_EXERCISE DIRECTIONS_:
Return, from the data that follows, each line that holds the word "source".

_EXTRACTED MATERIAL_:
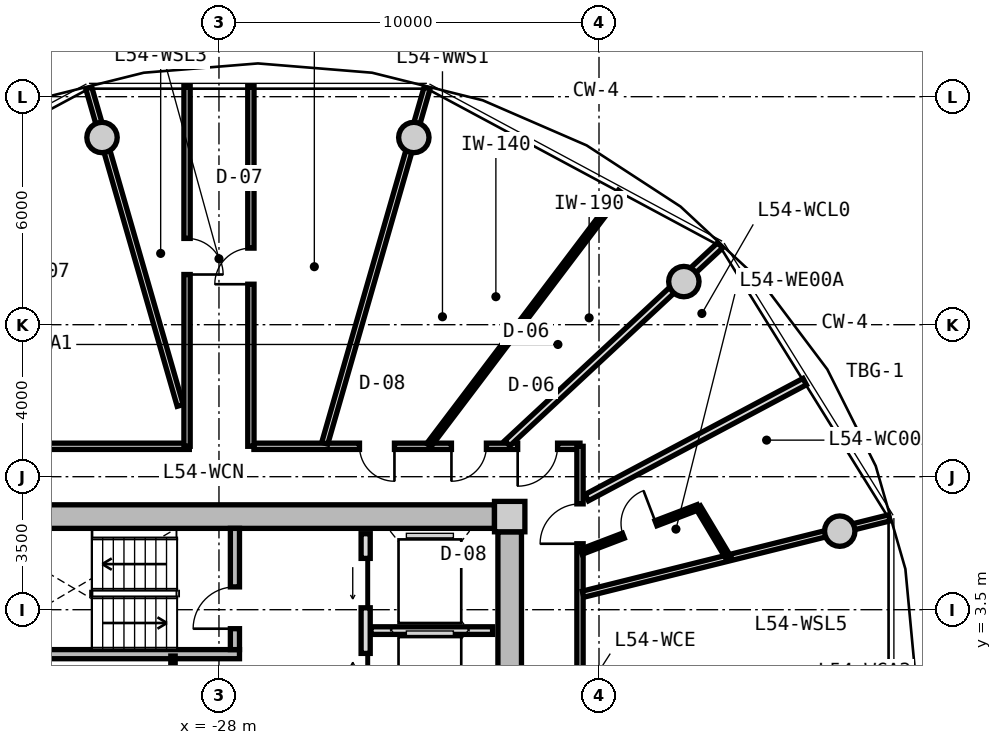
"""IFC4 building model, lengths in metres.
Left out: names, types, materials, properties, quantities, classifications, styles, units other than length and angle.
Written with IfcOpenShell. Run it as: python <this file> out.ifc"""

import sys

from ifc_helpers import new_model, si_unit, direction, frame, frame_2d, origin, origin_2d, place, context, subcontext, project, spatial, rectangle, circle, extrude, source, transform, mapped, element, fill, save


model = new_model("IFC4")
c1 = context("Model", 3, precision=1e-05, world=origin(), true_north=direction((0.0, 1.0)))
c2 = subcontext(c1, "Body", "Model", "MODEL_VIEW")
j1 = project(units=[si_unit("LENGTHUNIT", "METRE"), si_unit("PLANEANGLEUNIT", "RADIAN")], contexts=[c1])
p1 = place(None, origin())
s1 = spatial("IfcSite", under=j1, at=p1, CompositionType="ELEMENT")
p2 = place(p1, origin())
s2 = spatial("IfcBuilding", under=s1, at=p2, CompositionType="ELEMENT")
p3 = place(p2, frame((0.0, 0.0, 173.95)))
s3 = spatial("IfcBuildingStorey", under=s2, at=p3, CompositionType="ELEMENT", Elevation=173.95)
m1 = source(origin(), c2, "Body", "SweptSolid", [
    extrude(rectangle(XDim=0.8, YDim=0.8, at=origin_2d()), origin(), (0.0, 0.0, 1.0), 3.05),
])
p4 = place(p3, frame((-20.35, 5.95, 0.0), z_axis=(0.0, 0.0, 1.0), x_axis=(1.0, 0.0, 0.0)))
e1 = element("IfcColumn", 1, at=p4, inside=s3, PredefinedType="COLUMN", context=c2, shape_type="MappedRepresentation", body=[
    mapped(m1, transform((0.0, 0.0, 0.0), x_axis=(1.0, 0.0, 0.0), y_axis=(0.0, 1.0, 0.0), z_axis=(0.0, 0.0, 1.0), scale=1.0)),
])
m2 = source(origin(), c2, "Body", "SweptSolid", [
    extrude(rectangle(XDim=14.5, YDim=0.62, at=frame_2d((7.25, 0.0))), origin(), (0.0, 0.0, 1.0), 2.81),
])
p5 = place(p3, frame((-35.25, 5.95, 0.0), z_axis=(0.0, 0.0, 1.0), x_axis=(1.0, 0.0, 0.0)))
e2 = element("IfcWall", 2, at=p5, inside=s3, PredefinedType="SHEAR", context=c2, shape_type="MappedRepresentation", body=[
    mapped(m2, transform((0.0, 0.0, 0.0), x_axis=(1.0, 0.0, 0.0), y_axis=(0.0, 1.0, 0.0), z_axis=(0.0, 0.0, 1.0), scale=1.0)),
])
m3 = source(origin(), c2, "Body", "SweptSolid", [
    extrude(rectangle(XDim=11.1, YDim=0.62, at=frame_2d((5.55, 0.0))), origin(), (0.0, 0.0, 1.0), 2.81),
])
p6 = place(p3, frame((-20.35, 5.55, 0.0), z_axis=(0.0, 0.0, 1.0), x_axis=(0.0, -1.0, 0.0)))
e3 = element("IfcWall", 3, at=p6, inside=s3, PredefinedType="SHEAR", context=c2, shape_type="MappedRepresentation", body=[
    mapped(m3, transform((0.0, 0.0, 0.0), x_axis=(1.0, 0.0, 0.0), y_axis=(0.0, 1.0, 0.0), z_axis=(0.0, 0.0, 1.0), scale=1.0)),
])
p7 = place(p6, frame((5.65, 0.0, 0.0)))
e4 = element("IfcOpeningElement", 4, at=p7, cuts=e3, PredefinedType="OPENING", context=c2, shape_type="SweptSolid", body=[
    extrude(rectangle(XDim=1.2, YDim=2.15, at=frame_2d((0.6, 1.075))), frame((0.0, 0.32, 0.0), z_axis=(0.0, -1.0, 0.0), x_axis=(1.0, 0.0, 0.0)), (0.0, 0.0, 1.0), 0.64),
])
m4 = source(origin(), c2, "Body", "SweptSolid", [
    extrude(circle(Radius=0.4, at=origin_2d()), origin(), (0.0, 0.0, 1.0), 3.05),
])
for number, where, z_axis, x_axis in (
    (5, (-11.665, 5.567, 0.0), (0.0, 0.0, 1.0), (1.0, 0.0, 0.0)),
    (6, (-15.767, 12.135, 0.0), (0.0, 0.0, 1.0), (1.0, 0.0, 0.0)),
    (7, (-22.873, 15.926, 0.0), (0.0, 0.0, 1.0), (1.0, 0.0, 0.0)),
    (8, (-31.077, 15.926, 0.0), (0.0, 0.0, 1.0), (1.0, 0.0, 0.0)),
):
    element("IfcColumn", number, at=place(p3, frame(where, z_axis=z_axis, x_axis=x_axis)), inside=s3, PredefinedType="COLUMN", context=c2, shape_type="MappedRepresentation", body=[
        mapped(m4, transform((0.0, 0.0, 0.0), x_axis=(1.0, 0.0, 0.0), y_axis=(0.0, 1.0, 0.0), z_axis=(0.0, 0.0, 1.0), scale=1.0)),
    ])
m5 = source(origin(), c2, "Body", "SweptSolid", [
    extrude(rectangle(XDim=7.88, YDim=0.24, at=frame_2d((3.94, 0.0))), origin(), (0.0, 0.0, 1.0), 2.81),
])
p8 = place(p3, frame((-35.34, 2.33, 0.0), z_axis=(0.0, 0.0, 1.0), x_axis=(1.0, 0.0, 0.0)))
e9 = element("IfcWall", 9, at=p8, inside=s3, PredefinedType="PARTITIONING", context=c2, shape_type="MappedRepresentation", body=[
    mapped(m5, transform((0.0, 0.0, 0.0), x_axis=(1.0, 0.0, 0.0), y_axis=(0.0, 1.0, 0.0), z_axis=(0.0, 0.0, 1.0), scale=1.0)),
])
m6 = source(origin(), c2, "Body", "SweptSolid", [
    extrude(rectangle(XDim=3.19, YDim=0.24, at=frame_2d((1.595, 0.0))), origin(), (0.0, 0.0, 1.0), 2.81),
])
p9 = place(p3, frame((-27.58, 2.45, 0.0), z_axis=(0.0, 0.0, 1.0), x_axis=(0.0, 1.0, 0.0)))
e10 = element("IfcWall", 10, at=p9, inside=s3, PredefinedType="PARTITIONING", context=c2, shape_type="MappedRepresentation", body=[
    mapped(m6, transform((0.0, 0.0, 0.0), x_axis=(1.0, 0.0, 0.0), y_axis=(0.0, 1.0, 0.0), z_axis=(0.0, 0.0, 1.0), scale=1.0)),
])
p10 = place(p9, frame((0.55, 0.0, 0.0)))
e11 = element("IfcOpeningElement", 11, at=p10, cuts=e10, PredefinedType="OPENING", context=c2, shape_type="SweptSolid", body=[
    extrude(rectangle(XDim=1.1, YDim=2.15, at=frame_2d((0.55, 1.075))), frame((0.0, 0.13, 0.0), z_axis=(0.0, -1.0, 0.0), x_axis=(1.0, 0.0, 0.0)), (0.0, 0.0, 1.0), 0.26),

_RESPONSE TO THIS TASK_:
from ifc_helpers import new_model, si_unit, direction, frame, frame_2d, origin, origin_2d, place, context, subcontext, project, spatial, rectangle, circle, extrude, source, transform, mapped, element, fill, save
m1 = source(origin(), c2, "Body", "SweptSolid", [
m2 = source(origin(), c2, "Body", "SweptSolid", [
m3 = source(origin(), c2, "Body", "SweptSolid", [
m4 = source(origin(), c2, "Body", "SweptSolid", [
m5 = source(origin(), c2, "Body", "SweptSolid", [
m6 = source(origin(), c2, "Body", "SweptSolid", [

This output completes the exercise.